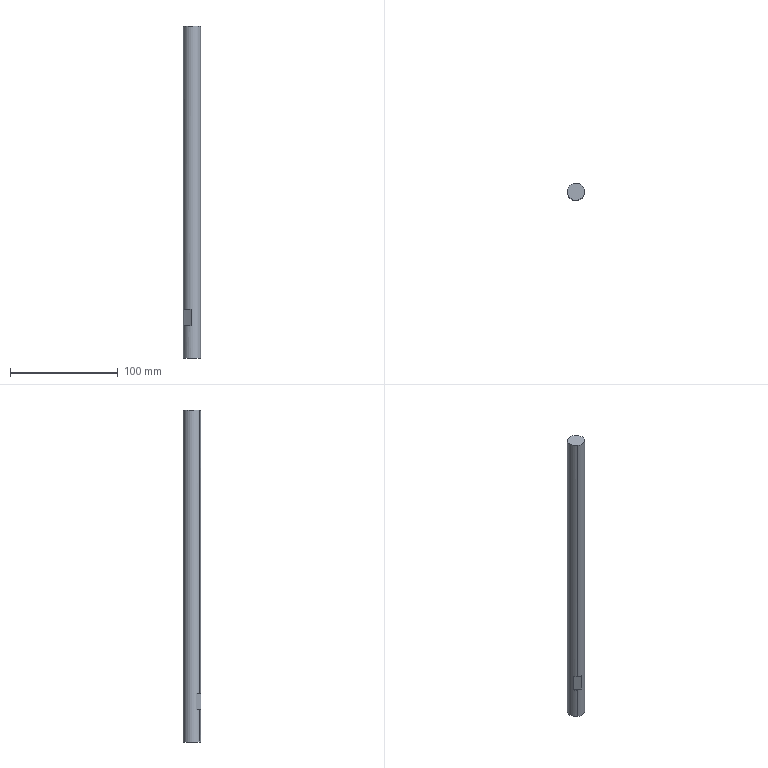Component | SolidWorks | SupportRod-1 | 1 solid | 16 faces | box 16 x 16 x 308 mm | volume 60860 mm3 | plane 8 | cone 4 | cylinder 4 | commonest cylinder face diameters 6.8 x2 16 x2
build123d program:
from build123d import *

# Parameters (mm, degrees)
SKETCH1_W                                            = 8
SKETCH1_H                                            = 308
CUT_EXTRUDE1_DEPTH                                   = 15
CUT_EXTRUDE2_START                                   = -15
CUT_EXTRUDE2_DEPTH                                   = 15
M6_FLAT_HEAD_MACHINE_SCREW_COUNTERSUNK_H_D           = 6.8
M6_FLAT_HEAD_MACHINE_SCREW_COUNTERSUNK_H_DEPTH       = 24.25
M6_FLAT_HEAD_MACHINE_SCREW_COUNTERSUNK_H_CSINK_D     = 8.05
M6_FLAT_HEAD_MACHINE_SCREW_COUNTERSUNK_H_CSINK_ANGLE = 90
M6_FLAT_HEAD_MACHINE_SCREW_COUNTERSUNK_H_TIP         = 2.043


with BuildPart() as part:
    # Sketch1 → Revolve1 (revolve)
    with BuildSketch(Plane.XZ, mode=Mode.PRIVATE) as revolve1_sk:
        with Locations((4, 0)):
            Rectangle(SKETCH1_W, SKETCH1_H)
    revolve(revolve1_sk.sketch.rotate(Axis((0, 0, 154), (0, 0, -1)), 180), axis=Axis((0, 0, 154), (0, 0, -1)))

    # Sketch2 → Cut-Extrude1 (cut)
    with BuildSketch(Plane.XY.offset(124)):
        with BuildLine():
            Line((7, 3.873), (7, -3.873))
            ThreePointArc((7, -3.873), (8, 0), (7, 3.873))
        make_face()
    extrude(amount=-CUT_EXTRUDE1_DEPTH, mode=Mode.SUBTRACT)

    # Sketch3 → Cut-Extrude2 (cut)
    with BuildSketch(Plane(origin=(0, 0, 109), x_dir=(-1, 0, 0), z_dir=(0, 0, -1)).offset(CUT_EXTRUDE2_START)):
        with BuildLine():
            Line((7, 3.873), (7, -3.873))
            ThreePointArc((7, -3.873), (8, 0), (7, 3.873))
        make_face()
    extrude(amount=CUT_EXTRUDE2_DEPTH, mode=Mode.SUBTRACT)

    # M6 Flat Head Machine Screw Countersunk H
    with Locations(Plane.XY.offset(154)):
        with Locations((0, 0)):
            CounterSinkHole(M6_FLAT_HEAD_MACHINE_SCREW_COUNTERSUNK_H_D / 2, M6_FLAT_HEAD_MACHINE_SCREW_COUNTERSUNK_H_CSINK_D / 2, depth=M6_FLAT_HEAD_MACHINE_SCREW_COUNTERSUNK_H_DEPTH, counter_sink_angle=M6_FLAT_HEAD_MACHINE_SCREW_COUNTERSUNK_H_CSINK_ANGLE)
            with Locations((0, 0, -(M6_FLAT_HEAD_MACHINE_SCREW_COUNTERSUNK_H_DEPTH + M6_FLAT_HEAD_MACHINE_SCREW_COUNTERSUNK_H_TIP / 2))):  # 118° drill point
                Cone(0, M6_FLAT_HEAD_MACHINE_SCREW_COUNTERSUNK_H_D / 2, M6_FLAT_HEAD_MACHINE_SCREW_COUNTERSUNK_H_TIP, mode=Mode.SUBTRACT)


solid = part.part

# Placed as in the assembly
solid = solid.moved(Location((-100, -212, -108.5), (180, 0, 125.085)))
STEP:
#1=COLOUR_RGB('',0.7922,0.8196,0.9333);
#2=FILL_AREA_STYLE_COLOUR('',#1);
#3=FILL_AREA_STYLE('',(#2));
#4=SURFACE_STYLE_FILL_AREA(#3);
#5=SURFACE_SIDE_STYLE('',(#4));
#6=SURFACE_STYLE_USAGE(.BOTH.,#5);
#7=PRESENTATION_STYLE_ASSIGNMENT((#6));
#8=CARTESIAN_POINT('',(-3.86,-8.237,-10.31));
#9=VERTEX_POINT('',#8);
#10=CARTESIAN_POINT('',(-4.014,-8.456,-10.31));
#11=VERTEX_POINT('',#10);
#12=CARTESIAN_POINT('',(-3.937,-8.346,-10.31));
#13=DIRECTION('',(0.,0.,-1.));
#14=DIRECTION('',(-0.5748,-0.8183,0.));
#15=AXIS2_PLACEMENT_3D('',#12,#13,#14);
#16=CIRCLE('',#15,0.1339);
#17=EDGE_CURVE('',#9,#11,#16,.T.);
#18=ORIENTED_EDGE('',*,*,#17,.F.);
#19=CARTESIAN_POINT('',(-3.846,-8.217,-10.335));
#20=VERTEX_POINT('',#19);
#21=CARTESIAN_POINT('',(-3.846,-8.217,-10.335));
#22=DIRECTION('',(0.4064,0.5786,-0.7071));
#23=VECTOR('',#22,39.37);
#24=LINE('',#21,#23);
#25=EDGE_CURVE('',#9,#20,#24,.T.);
#26=ORIENTED_EDGE('',*,*,#25,.T.);
#27=CARTESIAN_POINT('',(-4.028,-8.476,-10.335));
#28=VERTEX_POINT('',#27);
#29=CARTESIAN_POINT('',(-3.937,-8.346,-10.335));
#30=DIRECTION('',(0.,0.,-1.));
#31=DIRECTION('',(-0.5748,-0.8183,0.));
#32=AXIS2_PLACEMENT_3D('',#29,#30,#31);
#33=CIRCLE('',#32,0.1585);
#34=EDGE_CURVE('',#20,#28,#33,.T.);
#35=ORIENTED_EDGE('',*,*,#34,.T.);
#36=CARTESIAN_POINT('',(-4.028,-8.476,-10.335));
#37=DIRECTION('',(-0.4064,-0.5786,-0.7071));
#38=VECTOR('',#37,39.37);
#39=LINE('',#36,#38);
#40=EDGE_CURVE('',#11,#28,#39,.T.);
#41=ORIENTED_EDGE('',*,*,#40,.F.);
#42=EDGE_LOOP('',(#18,#26,#35,#41));
#43=FACE_OUTER_BOUND('',#42,.T.);
#44=CARTESIAN_POINT('',(-3.937,-8.346,-10.335));
#45=DIRECTION('',(0.,0.,-1.));
#46=DIRECTION('',(-0.5748,-0.8183,0.));
#47=AXIS2_PLACEMENT_3D('',#44,#45,#46);
#48=CONICAL_SURFACE('',#47,0.1585,0.7854);
#49=ADVANCED_FACE('',(#43),#48,.F.);
#50=CARTESIAN_POINT('',(-3.86,-8.237,-9.38));
#51=VERTEX_POINT('',#50);
#52=CARTESIAN_POINT('',(-4.014,-8.456,-9.38));
#53=VERTEX_POINT('',#52);
#54=CARTESIAN_POINT('',(-3.937,-8.346,-9.38));
#55=DIRECTION('',(0.,0.,-1.));
#56=DIRECTION('',(-0.5748,-0.8183,0.));
#57=AXIS2_PLACEMENT_3D('',#54,#55,#56);
#58=CIRCLE('',#57,0.1339);
#59=EDGE_CURVE('',#51,#53,#58,.T.);
#60=ORIENTED_EDGE('',*,*,#59,.F.);
#61=CARTESIAN_POINT('',(-3.86,-8.237,-10.335));
#62=DIRECTION('',(0.,0.,-1.));
#63=VECTOR('',#62,39.37);
#64=LINE('',#61,#63);
#65=EDGE_CURVE('',#51,#9,#64,.T.);
#66=ORIENTED_EDGE('',*,*,#65,.T.);
#67=ORIENTED_EDGE('',*,*,#17,.T.);
#68=CARTESIAN_POINT('',(-4.014,-8.456,-10.335));
#69=DIRECTION('',(0.,0.,-1.));
#70=VECTOR('',#69,39.37);
#71=LINE('',#68,#70);
#72=EDGE_CURVE('',#53,#11,#71,.T.);
#73=ORIENTED_EDGE('',*,*,#72,.F.);
#74=EDGE_LOOP('',(#60,#66,#67,#73));
#75=FACE_OUTER_BOUND('',#74,.T.);
#76=CARTESIAN_POINT('',(-3.937,-8.346,-10.335));
#77=DIRECTION('',(0.,0.,-1.));
#78=DIRECTION('',(-0.5748,-0.8183,0.));
#79=AXIS2_PLACEMENT_3D('',#76,#77,#78);
#80=CYLINDRICAL_SURFACE('',#79,0.1339);
#81=ADVANCED_FACE('',(#75),#80,.F.);
#82=CARTESIAN_POINT('',(-3.937,-8.346,-9.299));
#83=VERTEX_POINT('',#82);
#84=CARTESIAN_POINT('',(-4.014,-8.456,-9.38));
#85=DIRECTION('',(-0.4927,-0.7014,-0.515));
#86=VECTOR('',#85,39.37);
#87=LINE('',#84,#86);
#88=EDGE_CURVE('',#83,#53,#87,.T.);
#89=ORIENTED_EDGE('',*,*,#88,.F.);
#90=CARTESIAN_POINT('',(-3.86,-8.237,-9.38));
#91=DIRECTION('',(0.4927,0.7014,-0.515));
#92=VECTOR('',#91,39.37);
#93=LINE('',#90,#92);
#94=EDGE_CURVE('',#83,#51,#93,.T.);
#95=ORIENTED_EDGE('',*,*,#94,.T.);
#96=ORIENTED_EDGE('',*,*,#59,.T.);
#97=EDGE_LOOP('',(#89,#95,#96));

-- EXERCISE BRIEF --
Please, without any pictures, write out exactly the lines of the listing from its first line through the line that holds "# Parameters (mm, degrees)", ends included, and nothing beyond them.

-- SOLUTION FOR THIS TASK --
Component | SolidWorks | SupportRod-1 | 1 solid | 16 faces | box 16 x 16 x 308 mm | volume 60860 mm3 | plane 8 | cone 4 | cylinder 4 | commonest cylinder face diameters 6.8 x2 16 x2
build123d program:
from build123d import *

# Parameters (mm, degrees)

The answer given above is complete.